▶ ACTIVITY: In the entries below, tally the lines that contain the string "OperationType", then state that number alone.

------ SOURCE RECORDS

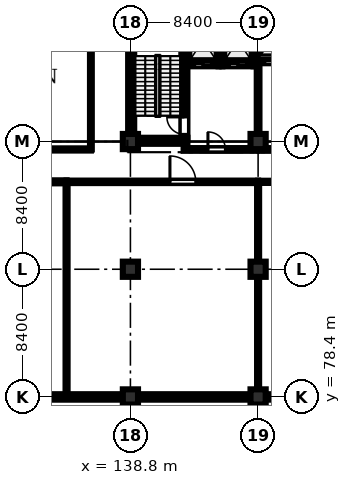
"""IFC4 building model, lengths in metres.
Left out: names, types, materials, properties, quantities, classifications, styles, units other than length and angle.
Written with IfcOpenShell. Run it as: python <this file> out.ifc"""

import sys

from ifc_helpers import new_model, si_unit, direction, frame, frame_2d, origin, origin_2d, place, context, subcontext, project, spatial, rectangle, extrude, element, fill, save


model = new_model("IFC4")
c1 = context("Model", 3, precision=1e-05, world=origin(), true_north=direction((0.0, 1.0)))
c2 = subcontext(c1, "Body", "Model", "MODEL_VIEW")
j1 = project(units=[si_unit("LENGTHUNIT", "METRE"), si_unit("PLANEANGLEUNIT", "RADIAN")], contexts=[c1])
p1 = place(None, origin())
s1 = spatial("IfcSite", under=j1, at=p1, CompositionType="ELEMENT")
p2 = place(p1, origin())
s2 = spatial("IfcBuilding", under=s1, at=p2, CompositionType="ELEMENT")
p3 = place(p2, frame((0.0, 0.0, 5.4)))
s3 = spatial("IfcBuildingStorey", under=s2, at=p3, CompositionType="ELEMENT", Elevation=5.4)
for number, where, z_axis, x_axis in (
    (1, (138.8, 78.4, 0.0), (0.0, 0.0, 1.0), (1.0, 0.0, 0.0)),
    (2, (138.8, 86.8, 0.0), (0.0, 0.0, 1.0), (1.0, 0.0, 0.0)),
    (3, (138.8, 95.2, 0.0), (0.0, 0.0, 1.0), (1.0, 0.0, 0.0)),
    (4, (147.2, 78.4, 0.0), (0.0, 0.0, 1.0), (1.0, 0.0, 0.0)),
    (5, (147.2, 86.8, 0.0), (0.0, 0.0, 1.0), (1.0, 0.0, 0.0)),
    (6, (147.2, 95.2, 0.0), (0.0, 0.0, 1.0), (1.0, 0.0, 0.0)),
):
    element("IfcColumn", number, at=place(p3, frame(where, z_axis=z_axis, x_axis=x_axis)), inside=s3, PredefinedType="COLUMN", context=c2, shape_type="SweptSolid", body=[
        extrude(rectangle(XDim=1.0, YDim=1.0, at=origin_2d()), origin(), (0.0, 0.0, 1.0), 4.58),
    ])
p4 = place(p3, frame((138.65, 95.25, 0.0), z_axis=(0.0, 0.0, 1.0), x_axis=(1.0, 0.0, 0.0)))
e7 = element("IfcWall", 7, at=p4, inside=s3, PredefinedType="SHEAR", context=c2, shape_type="SweptSolid", body=[
    extrude(rectangle(XDim=3.9, YDim=0.4, at=frame_2d((1.95, 0.0))), origin(), (0.0, 0.0, 1.0), 4.58),
])
p5 = place(p3, frame((138.85, 95.45, 0.0), z_axis=(0.0, 0.0, 1.0), x_axis=(0.0, 1.0, 0.0)))
e8 = element("IfcWall", 8, at=p5, inside=s3, PredefinedType="SHEAR", context=c2, shape_type="SweptSolid", body=[
    extrude(rectangle(XDim=7.9, YDim=0.4, at=frame_2d((3.95, 0.0))), origin(), (0.0, 0.0, 1.0), 4.58),
])
p6 = place(p3, frame((142.35, 95.45, 0.0), z_axis=(0.0, 0.0, 1.0), x_axis=(0.0, 1.0, 0.0)))
e9 = element("IfcWall", 9, at=p6, inside=s3, PredefinedType="SHEAR", context=c2, shape_type="SweptSolid", body=[
    extrude(rectangle(XDim=7.9, YDim=0.4, at=frame_2d((3.95, 0.0))), origin(), (0.0, 0.0, 1.0), 4.58),
])
p7 = place(p6, frame((0.22, 0.0, 0.0)))
e10 = element("IfcOpeningElement", 10, at=p7, cuts=e9, PredefinedType="OPENING", context=c2, shape_type="SweptSolid", body=[
    extrude(rectangle(XDim=1.15, YDim=2.15, at=frame_2d((0.575, 1.075))), frame((0.0, 0.21, 0.0), z_axis=(0.0, -1.0, 0.0), x_axis=(1.0, 0.0, 0.0)), (0.0, 0.0, 1.0), 0.42),
])
p8 = place(p3, frame((142.55, 100.275, 0.0), z_axis=(0.0, 0.0, 1.0), x_axis=(1.0, 0.0, 0.0)))
e11 = element("IfcWall", 11, at=p8, inside=s3, PredefinedType="SHEAR", context=c2, shape_type="SweptSolid", body=[
    extrude(rectangle(XDim=2.05, YDim=0.25, at=frame_2d((1.025, 0.0))), origin(), (0.0, 0.0, 1.0), 4.58),
])
p9 = place(p8, frame((0.475, 0.0, 0.0)))
e12 = element("IfcOpeningElement", 12, at=p9, cuts=e11, PredefinedType="OPENING", context=c2, shape_type="SweptSolid", body=[
    extrude(rectangle(XDim=1.1, YDim=2.15, at=frame_2d((0.55, 1.075))), frame((0.0, 0.135, 0.0), z_axis=(0.0, -1.0, 0.0), x_axis=(1.0, 0.0, 0.0)), (0.0, 0.0, 1.0), 0.27),
])
p10 = place(p3, frame((144.725, 100.15, 0.0), z_axis=(0.0, 0.0, 1.0), x_axis=(0.0, 1.0, 0.0)))
e13 = element("IfcWall", 13, at=p10, inside=s3, PredefinedType="SHEAR", context=c2, shape_type="SweptSolid", body=[
    extrude(rectangle(XDim=3.4, YDim=0.25, at=frame_2d((1.7, 0.0))), origin(), (0.0, 0.0, 1.0), 4.58),
])
p11 = place(p3, frame((144.85, 100.275, 0.0), z_axis=(0.0, 0.0, 1.0), x_axis=(1.0, 0.0, 0.0)))
e14 = element("IfcWall", 14, at=p11, inside=s3, PredefinedType="SHEAR", context=c2, shape_type="SweptSolid", body=[
    extrude(rectangle(XDim=2.05, YDim=0.25, at=frame_2d((1.025, 0.0))), origin(), (0.0, 0.0, 1.0), 4.58),
])
p12 = place(p11, frame((0.465, 0.0, 0.0)))
e15 = element("IfcOpeningElement", 15, at=p12, cuts=e14, PredefinedType="OPENING", context=c2, shape_type="SweptSolid", body=[
    extrude(rectangle(XDim=1.12, YDim=2.15, at=frame_2d((0.56, 1.075))), frame((0.0, 0.135, 0.0), z_axis=(0.0, -1.0, 0.0), x_axis=(1.0, 0.0, 0.0)), (0.0, 0.0, 1.0), 0.27),
])
p13 = place(p3, frame((147.025, 100.15, 0.0), z_axis=(0.0, 0.0, 1.0), x_axis=(0.0, 1.0, 0.0)))
e16 = element("IfcWall", 16, at=p13, inside=s3, PredefinedType="SHEAR", context=c2, shape_type="SweptSolid", body=[
    extrude(rectangle(XDim=3.4, YDim=0.25, at=frame_2d((1.7, 0.0))), origin(), (0.0, 0.0, 1.0), 4.58),
])
p14 = place(p3, frame((147.15, 100.475, 0.0), z_axis=(0.0, 0.0, 1.0), x_axis=(1.0, 0.0, 0.0)))
e17 = element("IfcWall", 17, at=p14, inside=s3, PredefinedType="SHEAR", context=c2, shape_type="SweptSolid", body=[
    extrude(rectangle(XDim=2.05, YDim=0.25, at=frame_2d((1.025, 0.0))), origin(), (0.0, 0.0, 1.0), 4.58),
])
p15 = place(p14, frame((0.495, 0.0, 0.0)))
e18 = element("IfcOpeningElement", 18, at=p15, cuts=e17, PredefinedType="OPENING", context=c2, shape_type="SweptSolid", body=[
    extrude(rectangle(XDim=1.06, YDim=2.15, at=frame_2d((0.53, 1.075))), frame((0.0, 0.135, 0.0), z_axis=(0.0, -1.0, 0.0), x_axis=(1.0, 0.0, 0.0)), (0.0, 0.0, 1.0), 0.27),
])
p16 = place(p3, frame((138.3, 78.4, 0.0), z_axis=(0.0, 0.0, 1.0), x_axis=(-1.0, 0.0, 0.0)))
e19 = element("IfcWall", 19, at=p16, inside=s3, PredefinedType="STANDARD", context=c2, shape_type="SweptSolid", body=[
    extrude(rectangle(XDim=7.4, YDim=0.36, at=frame_2d((3.7, 0.0))), origin(), (0.0, 0.0, 1.0), 3.83),
])
p17 = place(p16, frame((1.15, 0.0, 0.95)))
e20 = element("IfcOpeningElement", 20, at=p17, cuts=e19, PredefinedType="OPENING", context=c2, shape_type="SweptSolid", body=[
    extrude(rectangle(XDim=1.5, YDim=1.5, at=frame_2d((0.75, 0.75))), frame((0.0, 0.19, 0.0), z_axis=(0.0, -1.0, 0.0), x_axis=(1.0, 0.0, 0.0)), (0.0, 0.0, 1.0), 0.38),
])
p18 = place(p3, frame((146.7, 78.4, 0.0), z_axis=(0.0, 0.0, 1.0), x_axis=(-1.0, 0.0, 0.0)))
e21 = element("IfcWall", 21, at=p18, inside=s3, PredefinedType="STANDARD", context=c2, shape_type="SweptSolid", body=[
    extrude(rectangle(XDim=7.4, YDim=0.36, at=frame_2d((3.7, 0.0))), origin(), (0.0, 0.0, 1.0), 3.83),
])
p19 = place(p18, frame((1.15, 0.0, 0.95)))
e22 = element("IfcOpeningElement", 22, at=p19, cuts=e21, PredefinedType="OPENING", context=c2, shape_type="SweptSolid", body=[
    extrude(rectangle(XDim=1.5, YDim=1.5, at=frame_2d((0.75, 0.75))), frame((0.0, 0.19, 0.0), z_axis=(0.0, -1.0, 0.0), x_axis=(1.0, 0.0, 0.0)), (0.0, 0.0, 1.0), 0.38),
])
p20 = place(p3, frame((155.1, 78.4, 0.0), z_axis=(0.0, 0.0, 1.0), x_axis=(-1.0, 0.0, 0.0)))
e23 = element("IfcWall", 23, at=p20, inside=s3, PredefinedType="STANDARD", context=c2, shape_type="SweptSolid", body=[
    extrude(rectangle(XDim=7.4, YDim=0.36, at=frame_2d((3.7, 0.0))), origin(), (0.0, 0.0, 1.0), 3.83),
])
p21 = place(p20, frame((1.15, 0.0, 0.95)))
e24 = element("IfcOpeningElement", 24, at=p21, cuts=e23, PredefinedType="OPENING", context=c2, shape_type="SweptSolid", body=[
    extrude(rectangle(XDim=1.5, YDim=1.5, at=frame_2d((0.75, 0.75))), frame((0.0, 0.19, 0.0), z_axis=(0.0, -1.0, 0.0), x_axis=(1.0, 0.0, 0.0)), (0.0, 0.0, 1.0), 0.38),
])
p22 = place(p3, frame((147.185, 49.68, 0.0), z_axis=(0.0, 0.0, 1.0), x_axis=(0.0, 1.0, 0.0)))
e25 = element("IfcWall", 25, at=p22, inside=s3, PredefinedType="PARAPET", context=c2, shape_type="SweptSolid", body=[
    extrude(rectangle(XDim=28.54, YDim=0.19, at=frame_2d((14.27, 0.0))), origin(), (0.0, 0.0, 1.0), 1.2),
])
p23 = place(p3, frame((142.3, 94.68, 0.0), z_axis=(0.0, 0.0, 1.0), x_axis=(1.0, 0.0, 0.0)))
e26 = element("IfcWall", 26, at=p23, inside=s3, PredefinedType="STANDARD", context=c2, shape_type="SweptSolid", body=[
    extrude(rectangle(XDim=4.8, YDim=0.18, at=frame_2d((2.4, 0.0))), origin(), (0.0, 0.0, 1.0), 4.58),
])
p24 = place(p23, frame((1.6, 0.0, 0.0)))
e27 = element("IfcOpeningElement", 27, at=p24, cuts=e26, PredefinedType="OPENING", context=c2, shape_type="SweptSolid", body=[
    extrude(rectangle(XDim=1.15, YDim=2.15, at=frame_2d((0.575, 1.075))), frame((0.0, 0.1, 0.0), z_axis=(0.0, -1.0, 0.0), x_axis=(1.0, 0.0, 0.0)), (0.0, 0.0, 1.0), 0.2),
])
p25 = place(p3, frame((147.3, 94.68, 0.0), z_axis=(0.0, 0.0, 1.0), x_axis=(1.0, 0.0, 0.0)))
e28 = element("IfcWall", 28, at=p25, inside=s3, PredefinedType="STANDARD", context=c2, shape_type="SweptSolid", body=[
    extrude(rectangle(XDim=4.85, YDim=0.18, at=frame_2d((2.425, 0.0))), origin(), (0.0, 0.0, 1.0), 4.58),
])
p26 = place(p25, frame((1.6, 0.0, 0.0)))
e29 = element("IfcOpeningElement", 29, at=p26, cuts=e28, PredefinedType="OPENING", context=c2, shape_type="SweptSolid", body=[
    extrude(rectangle(XDim=1.15, YDim=2.15, at=frame_2d((0.575, 1.075))), frame((0.0, 0.1, 0.0), z_axis=(0.0, -1.0, 0.0), x_axis=(1.0, 0.0, 0.0)), (0.0, 0.0, 1.0), 0.2),
])
p27 = place(p3, frame((147.2, 95.75, 0.0), z_axis=(0.0, 0.0, 1.0), x_axis=(0.0, 1.0, 0.0)))
e30 = element("IfcWall", 30, at=p27, inside=s3, PredefinedType="STANDARD", context=c2, shape_type="SweptSolid", body=[
    extrude(rectangle(XDim=4.5, YDim=0.18, at=frame_2d((2.25, 0.0))), origin(), (0.0, 0.0, 1.0), 3.83),
])
p28 = place(p3, frame((136.2, 94.68, 0.0), z_axis=(0.0, 0.0, 1.0), x_axis=(0.0, 1.0, 0.0)))
e31 = element("IfcWall", 31, at=p28, inside=s3, PredefinedType="PARTITIONING", context=c2, shape_type="SweptSolid", body=[
    extrude(rectangle(XDim=9.07, YDim=0.12, at=frame_2d((4.535, 0.0))), origin(), (0.0, 0.0, 1.0), 4.58),
])
p29 = place(p3, frame((122.4, 94.68, 0.0), z_axis=(0.0, 0.0, 1.0), x_axis=(1.0, 0.0, 0.0)))
e32 = element("IfcWall", 32, at=p29, inside=s3, PredefinedType="PARTITIONING", context=c2, shape_type="SweptSolid", body=[
    extrude(rectangle(XDim=13.8, YDim=0.145, at=frame_2d((6.9, 0.0))), origin(), (0.0, 0.0, 1.0), 4.58),
])
p30 = place(p29, frame((3.2, 0.0, 0.0)))
e33 = element("IfcOpeningElement", 33, at=p30, cuts=e32, PredefinedType="OPENING", context=c2, shape_type="SweptSolid", body=[
    extrude(rectangle(XDim=1.02, YDim=2.15, at=frame_2d((0.51, 1.075))), frame((0.0, 0.083, 0.0), z_axis=(0.0, -1.0, 0.0), x_axis=(1.0, 0.0, 0.0)), (0.0, 0.0, 1.0), 0.165),
])
p31 = place(p3, frame((122.15, 92.55, 0.0), z_axis=(0.0, 0.0, 1.0), x_axis=(1.0, 0.0, 0.0)))
e34 = element("IfcWall", 34, at=p31, inside=s3, PredefinedType="SOLIDWALL", context=c2, shape_type="SweptSolid", body=[
    extrude(rectangle(XDim=12.45, YDim=0.2, at=frame_2d((6.225, 0.0))), origin(), (0.0, 0.0, 1.0), 4.58),
])
p32 = place(p31, frame((3.75, 0.0, 0.0)))
e35 = element("IfcOpeningElement", 35, at=p32, cuts=e34, PredefinedType="OPENING", context=c2, shape_type="SweptSolid", body=[
    extrude(rectangle(XDim=1.5, YDim=2.2, at=frame_2d((0.75, 1.1))), frame((0.0, 0.11, 0.0), z_axis=(0.0, -1.0, 0.0), x_axis=(1.0, 0.0, 0.0)), (0.0, 0.0, 1.0), 0.22),
])
p33 = place(p3, frame((134.6, 92.55, 0.0), z_axis=(0.0, 0.0, 1.0), x_axis=(1.0, 0.0, 0.0)))
e36 = element("IfcWall", 36, at=p33, inside=s3, PredefinedType="PARTITIONING", context=c2, shape_type="SweptSolid", body=[
    extrude(rectangle(XDim=12.6, YDim=0.165, at=frame_2d((6.3, 0.0))), origin(), (0.0, 0.0, 1.0), 4.58),
])
p34 = place(p33, frame((6.8, 0.0, 0.0)))
e37 = element("IfcOpeningElement", 37, at=p34, cuts=e36, PredefinedType="OPENING", context=c2, shape_type="SweptSolid", body=[
    extrude(rectangle(XDim=1.7, YDim=2.2, at=frame_2d((0.85, 1.1))), frame((0.0, 0.093, 0.0), z_axis=(0.0, -1.0, 0.0), x_axis=(1.0, 0.0, 0.0)), (0.0, 0.0, 1.0), 0.185),
])
p35 = place(p3, frame((134.6, 78.55, 0.0), z_axis=(0.0, 0.0, 1.0), x_axis=(0.0, 1.0, 0.0)))
e38 = element("IfcWall", 38, at=p35, inside=s3, PredefinedType="PARTITIONING", context=c2, shape_type="SweptSolid", body=[
    extrude(rectangle(XDim=14.0, YDim=0.135, at=frame_2d((7.0, 0.0))), origin(), (0.0, 0.0, 1.0), 4.03),
])
p36 = place(p3, frame((147.2, 92.55, 0.0), z_axis=(0.0, 0.0, 1.0), x_axis=(1.0, 0.0, 0.0)))
e39 = element("IfcWall", 39, at=p36, inside=s3, PredefinedType="PARTITIONING", context=c2, shape_type="SweptSolid", body=[
    extrude(rectangle(XDim=16.15, YDim=0.145, at=frame_2d((8.075, 0.0))), origin(), (0.0, 0.0, 1.0), 4.58),
])
p37 = place(p36, frame((3.4, 0.0, 0.0)))
e40 = element("IfcOpeningElement", 40, at=p37, cuts=e39, PredefinedType="OPENING", context=c2, shape_type="SweptSolid", body=[
    extrude(rectangle(XDim=1.08, YDim=2.15, at=frame_2d((0.54, 1.075))), frame((0.0, 0.083, 0.0), z_axis=(0.0, -1.0, 0.0), x_axis=(1.0, 0.0, 0.0)), (0.0, 0.0, 1.0), 0.165),
])
p38 = place(p3, frame((147.2, 78.55, 0.0), z_axis=(0.0, 0.0, 1.0), x_axis=(0.0, 1.0, 0.0)))
e41 = element("IfcWall", 41, at=p38, inside=s3, PredefinedType="PARTITIONING", context=c2, shape_type="SweptSolid", body=[
    extrude(rectangle(XDim=14.0, YDim=0.135, at=frame_2d((7.0, 0.0))), origin(), (0.0, 0.0, 1.0), 3.83),
])
p39 = place(p17, origin())
e42 = element("IfcWindow", 42, at=p39, inside=s3, PartitioningType="DOUBLE_PANEL_VERTICAL", PredefinedType="WINDOW", context=c2, shape_type="SweptSolid", body=[
    extrude(rectangle(XDim=1.5, YDim=1.5, at=frame_2d((0.75, 0.75))), frame((0.0, 0.03, 0.0), z_axis=(0.0, -1.0, 0.0), x_axis=(1.0, 0.0, 0.0)), (0.0, 0.0, 1.0), 0.06),
])
fill(e20, e42)
p40 = place(p19, origin())
e43 = element("IfcWindow", 43, at=p40, inside=s3, PartitioningType="DOUBLE_PANEL_VERTICAL", PredefinedType="WINDOW", context=c2, shape_type="SweptSolid", body=[
    extrude(rectangle(XDim=1.5, YDim=1.5, at=frame_2d((0.75, 0.75))), frame((0.0, 0.03, 0.0), z_axis=(0.0, -1.0, 0.0), x_axis=(1.0, 0.0, 0.0)), (0.0, 0.0, 1.0), 0.06),
])
fill(e22, e43)
p41 = place(p24, origin())
e44 = element("IfcDoor", 44, at=p41, inside=s3, OperationType="SINGLE_SWING_LEFT", PredefinedType="DOOR", context=c2, shape_type="SweptSolid", body=[
    extrude(rectangle(XDim=1.15, YDim=2.15, at=frame_2d((0.575, 1.075))), frame((0.0, 0.025, 0.0), z_axis=(0.0, -1.0, 0.0), x_axis=(1.0, 0.0, 0.0)), (0.0, 0.0, 1.0), 0.05),
])
fill(e27, e44)
p42 = place(p34, origin())
e45 = element("IfcDoor", 45, at=p42, inside=s3, OperationType="SINGLE_SWING_LEFT", PredefinedType="DOOR", context=c2, shape_type="SweptSolid", body=[
    extrude(rectangle(XDim=1.7, YDim=2.2, at=frame_2d((0.85, 1.1))), frame((0.0, 0.025, 0.0), z_axis=(0.0, -1.0, 0.0), x_axis=(1.0, 0.0, 0.0)), (0.0, 0.0, 1.0), 0.05),
])
fill(e37, e45)
p43 = place(p7, origin())
e46 = element("IfcDoor", 46, at=p43, inside=s3, OperationType="SINGLE_SWING_RIGHT", PredefinedType="DOOR", context=c2, shape_type="SweptSolid", body=[
    extrude(rectangle(XDim=1.15, YDim=2.15, at=frame_2d((0.575, 1.075))), frame((0.0, 0.025, 0.0), z_axis=(0.0, -1.0, 0.0), x_axis=(1.0, 0.0, 0.0)), (0.0, 0.0, 1.0), 0.05),
])
fill(e10, e46)
p44 = place(p9, origin())
e47 = element("IfcDoor", 47, at=p44, inside=s3, OperationType="SLIDING_TO_LEFT", PredefinedType="DOOR", context=c2, shape_type="SweptSolid", body=[
    extrude(rectangle(XDim=1.1, YDim=2.15, at=frame_2d((0.55, 1.075))), frame((0.0, 0.025, 0.0), z_axis=(0.0, -1.0, 0.0), x_axis=(1.0, 0.0, 0.0)), (0.0, 0.0, 1.0), 0.05),
])
fill(e12, e47)
p45 = place(p12, origin())
e48 = element("IfcDoor", 48, at=p45, inside=s3, OperationType="SLIDING_TO_LEFT", PredefinedType="DOOR", context=c2, shape_type="SweptSolid", body=[
    extrude(rectangle(XDim=1.12, YDim=2.15, at=frame_2d((0.56, 1.075))), frame((0.0, 0.025, 0.0), z_axis=(0.0, -1.0, 0.0), x_axis=(1.0, 0.0, 0.0)), (0.0, 0.0, 1.0), 0.05),
])
fill(e15, e48)
p46 = place(p15, origin())
e49 = element("IfcDoor", 49, at=p46, inside=s3, OperationType="SLIDING_TO_LEFT", PredefinedType="DOOR", context=c2, shape_type="SweptSolid", body=[
    extrude(rectangle(XDim=1.06, YDim=2.15, at=frame_2d((0.53, 1.075))), frame((0.0, 0.025, 0.0), z_axis=(0.0, -1.0, 0.0), x_axis=(1.0, 0.0, 0.0)), (0.0, 0.0, 1.0), 0.05),
])
fill(e18, e49)
save(model, sys.argv[1])

------------

▶ COMPLETED EXERCISE: 6